## Information given:
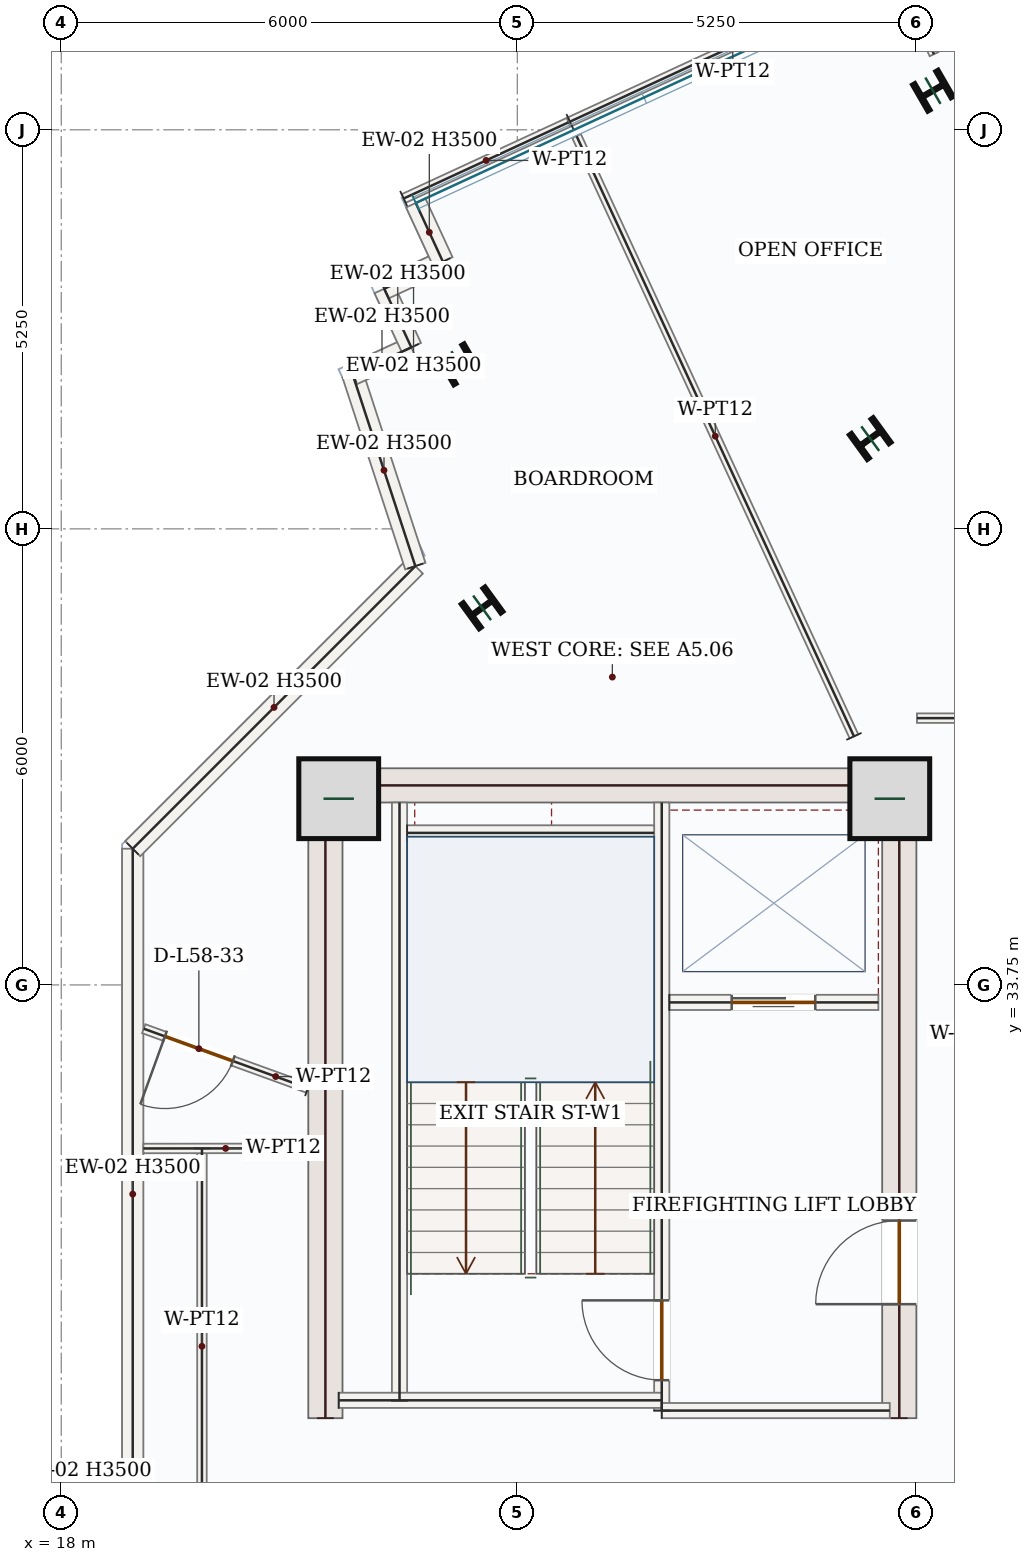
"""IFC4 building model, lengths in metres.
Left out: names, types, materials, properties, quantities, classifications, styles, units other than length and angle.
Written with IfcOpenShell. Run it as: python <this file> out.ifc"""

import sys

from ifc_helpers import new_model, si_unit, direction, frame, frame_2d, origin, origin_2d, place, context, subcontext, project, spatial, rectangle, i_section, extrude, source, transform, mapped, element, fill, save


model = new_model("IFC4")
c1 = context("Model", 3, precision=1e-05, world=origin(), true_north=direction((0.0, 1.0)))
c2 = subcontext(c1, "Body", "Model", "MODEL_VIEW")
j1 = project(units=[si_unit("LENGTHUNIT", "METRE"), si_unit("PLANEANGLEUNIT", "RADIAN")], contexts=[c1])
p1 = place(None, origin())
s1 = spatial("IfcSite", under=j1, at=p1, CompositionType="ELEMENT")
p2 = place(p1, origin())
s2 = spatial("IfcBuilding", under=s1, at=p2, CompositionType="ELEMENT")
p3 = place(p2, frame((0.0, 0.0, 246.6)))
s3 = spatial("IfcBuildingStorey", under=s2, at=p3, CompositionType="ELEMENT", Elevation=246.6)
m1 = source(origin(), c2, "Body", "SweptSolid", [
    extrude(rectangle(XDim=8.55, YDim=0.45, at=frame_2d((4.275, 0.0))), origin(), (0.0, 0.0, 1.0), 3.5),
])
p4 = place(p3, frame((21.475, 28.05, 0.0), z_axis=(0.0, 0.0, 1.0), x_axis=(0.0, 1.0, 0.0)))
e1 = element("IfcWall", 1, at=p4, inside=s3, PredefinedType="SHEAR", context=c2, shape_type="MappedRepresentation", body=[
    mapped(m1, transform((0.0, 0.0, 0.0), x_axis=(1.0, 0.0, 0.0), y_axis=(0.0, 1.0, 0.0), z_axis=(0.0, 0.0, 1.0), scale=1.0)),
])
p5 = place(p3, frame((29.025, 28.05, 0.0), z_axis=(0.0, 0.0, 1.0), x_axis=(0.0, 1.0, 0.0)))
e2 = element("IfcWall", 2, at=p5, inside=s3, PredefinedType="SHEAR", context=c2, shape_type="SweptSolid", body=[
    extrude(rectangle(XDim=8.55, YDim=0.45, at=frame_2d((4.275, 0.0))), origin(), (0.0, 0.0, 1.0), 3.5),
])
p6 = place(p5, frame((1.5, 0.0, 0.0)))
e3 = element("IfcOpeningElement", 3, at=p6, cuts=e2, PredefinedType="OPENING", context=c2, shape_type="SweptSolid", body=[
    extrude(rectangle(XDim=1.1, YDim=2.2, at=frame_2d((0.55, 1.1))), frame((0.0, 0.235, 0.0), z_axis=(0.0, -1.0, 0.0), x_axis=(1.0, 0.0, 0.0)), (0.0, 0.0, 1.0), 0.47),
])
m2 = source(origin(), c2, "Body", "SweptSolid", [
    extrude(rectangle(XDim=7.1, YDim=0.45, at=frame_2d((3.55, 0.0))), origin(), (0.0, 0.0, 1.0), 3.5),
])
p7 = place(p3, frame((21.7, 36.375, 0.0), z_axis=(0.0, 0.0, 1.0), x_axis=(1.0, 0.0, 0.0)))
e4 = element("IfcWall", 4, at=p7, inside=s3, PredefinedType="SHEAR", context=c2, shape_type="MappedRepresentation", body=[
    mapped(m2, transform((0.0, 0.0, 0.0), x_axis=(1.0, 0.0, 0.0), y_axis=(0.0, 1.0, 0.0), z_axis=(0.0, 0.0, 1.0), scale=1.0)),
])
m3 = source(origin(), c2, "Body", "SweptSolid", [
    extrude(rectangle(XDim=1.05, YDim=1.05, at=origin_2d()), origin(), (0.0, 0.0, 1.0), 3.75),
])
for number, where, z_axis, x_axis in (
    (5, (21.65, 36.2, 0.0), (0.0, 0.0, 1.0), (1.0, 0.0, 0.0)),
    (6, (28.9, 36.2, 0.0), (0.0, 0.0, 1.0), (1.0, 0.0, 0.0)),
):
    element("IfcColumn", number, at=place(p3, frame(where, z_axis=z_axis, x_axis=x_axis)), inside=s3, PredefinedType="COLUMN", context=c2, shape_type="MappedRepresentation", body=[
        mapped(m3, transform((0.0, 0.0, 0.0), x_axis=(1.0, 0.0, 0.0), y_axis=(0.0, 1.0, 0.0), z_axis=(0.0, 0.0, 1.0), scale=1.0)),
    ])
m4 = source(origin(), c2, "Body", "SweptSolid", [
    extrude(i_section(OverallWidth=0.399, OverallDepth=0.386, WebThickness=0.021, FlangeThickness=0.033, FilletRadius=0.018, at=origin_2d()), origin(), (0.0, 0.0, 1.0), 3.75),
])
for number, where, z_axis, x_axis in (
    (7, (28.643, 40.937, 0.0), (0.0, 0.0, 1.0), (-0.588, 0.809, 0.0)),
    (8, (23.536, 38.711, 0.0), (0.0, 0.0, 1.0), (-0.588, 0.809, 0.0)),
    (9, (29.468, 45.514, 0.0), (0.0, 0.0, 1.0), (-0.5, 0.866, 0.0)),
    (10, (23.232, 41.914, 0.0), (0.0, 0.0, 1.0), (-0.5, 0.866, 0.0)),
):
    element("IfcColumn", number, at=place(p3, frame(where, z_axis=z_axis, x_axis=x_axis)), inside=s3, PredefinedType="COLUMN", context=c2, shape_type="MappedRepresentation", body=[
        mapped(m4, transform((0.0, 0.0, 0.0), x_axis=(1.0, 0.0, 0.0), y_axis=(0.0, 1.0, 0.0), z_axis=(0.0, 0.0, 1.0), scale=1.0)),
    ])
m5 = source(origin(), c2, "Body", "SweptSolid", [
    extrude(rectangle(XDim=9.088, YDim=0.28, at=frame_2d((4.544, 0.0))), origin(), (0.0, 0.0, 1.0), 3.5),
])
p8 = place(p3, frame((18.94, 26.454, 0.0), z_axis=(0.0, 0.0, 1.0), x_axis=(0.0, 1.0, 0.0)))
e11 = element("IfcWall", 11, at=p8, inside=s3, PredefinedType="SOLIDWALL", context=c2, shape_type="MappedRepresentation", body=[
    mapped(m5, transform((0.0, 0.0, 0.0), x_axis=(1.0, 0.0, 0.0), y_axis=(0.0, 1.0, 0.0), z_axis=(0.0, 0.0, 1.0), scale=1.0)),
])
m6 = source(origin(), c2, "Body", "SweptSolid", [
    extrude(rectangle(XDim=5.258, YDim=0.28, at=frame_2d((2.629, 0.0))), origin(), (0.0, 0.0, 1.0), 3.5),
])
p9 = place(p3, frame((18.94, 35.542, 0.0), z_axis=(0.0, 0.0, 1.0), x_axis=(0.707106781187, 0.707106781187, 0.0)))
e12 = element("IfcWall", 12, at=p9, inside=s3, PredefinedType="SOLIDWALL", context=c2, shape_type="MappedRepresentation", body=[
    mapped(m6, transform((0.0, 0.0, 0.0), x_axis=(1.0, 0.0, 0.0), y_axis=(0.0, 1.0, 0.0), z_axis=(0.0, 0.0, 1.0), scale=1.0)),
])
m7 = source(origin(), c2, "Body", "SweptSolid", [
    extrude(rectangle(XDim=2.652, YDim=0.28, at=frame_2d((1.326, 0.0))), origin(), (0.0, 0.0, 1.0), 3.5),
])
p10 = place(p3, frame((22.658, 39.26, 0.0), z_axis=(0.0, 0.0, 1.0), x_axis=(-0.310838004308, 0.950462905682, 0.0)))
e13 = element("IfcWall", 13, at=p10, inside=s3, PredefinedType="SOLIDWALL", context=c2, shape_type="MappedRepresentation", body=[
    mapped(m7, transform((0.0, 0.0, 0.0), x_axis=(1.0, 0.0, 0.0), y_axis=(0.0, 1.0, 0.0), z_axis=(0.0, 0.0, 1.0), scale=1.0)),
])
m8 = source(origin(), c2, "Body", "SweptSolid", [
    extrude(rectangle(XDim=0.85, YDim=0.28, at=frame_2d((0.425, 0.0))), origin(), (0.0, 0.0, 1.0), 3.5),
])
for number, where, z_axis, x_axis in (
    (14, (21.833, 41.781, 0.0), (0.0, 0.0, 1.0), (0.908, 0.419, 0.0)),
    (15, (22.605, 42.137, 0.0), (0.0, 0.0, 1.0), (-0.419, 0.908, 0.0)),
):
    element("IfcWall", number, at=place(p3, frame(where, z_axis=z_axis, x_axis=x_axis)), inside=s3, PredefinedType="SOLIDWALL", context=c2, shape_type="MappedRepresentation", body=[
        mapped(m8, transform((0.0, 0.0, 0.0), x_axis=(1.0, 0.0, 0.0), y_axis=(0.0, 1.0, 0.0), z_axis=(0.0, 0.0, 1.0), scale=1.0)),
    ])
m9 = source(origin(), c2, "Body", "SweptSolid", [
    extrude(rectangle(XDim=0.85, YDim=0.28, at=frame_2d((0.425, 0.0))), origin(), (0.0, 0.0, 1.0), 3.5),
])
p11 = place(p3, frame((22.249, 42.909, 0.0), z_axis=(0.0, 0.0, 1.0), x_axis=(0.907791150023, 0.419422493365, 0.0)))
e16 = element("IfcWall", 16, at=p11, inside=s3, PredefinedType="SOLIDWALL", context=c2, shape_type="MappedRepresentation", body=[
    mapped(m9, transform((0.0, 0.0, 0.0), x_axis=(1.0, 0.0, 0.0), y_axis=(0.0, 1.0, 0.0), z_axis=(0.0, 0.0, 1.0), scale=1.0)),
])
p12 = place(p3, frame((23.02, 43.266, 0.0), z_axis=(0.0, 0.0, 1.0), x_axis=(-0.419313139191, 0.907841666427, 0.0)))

## Your assignment:
Give the number of lines in the data that include the string "units", please, and nothing else.

## Result of the exercise:
2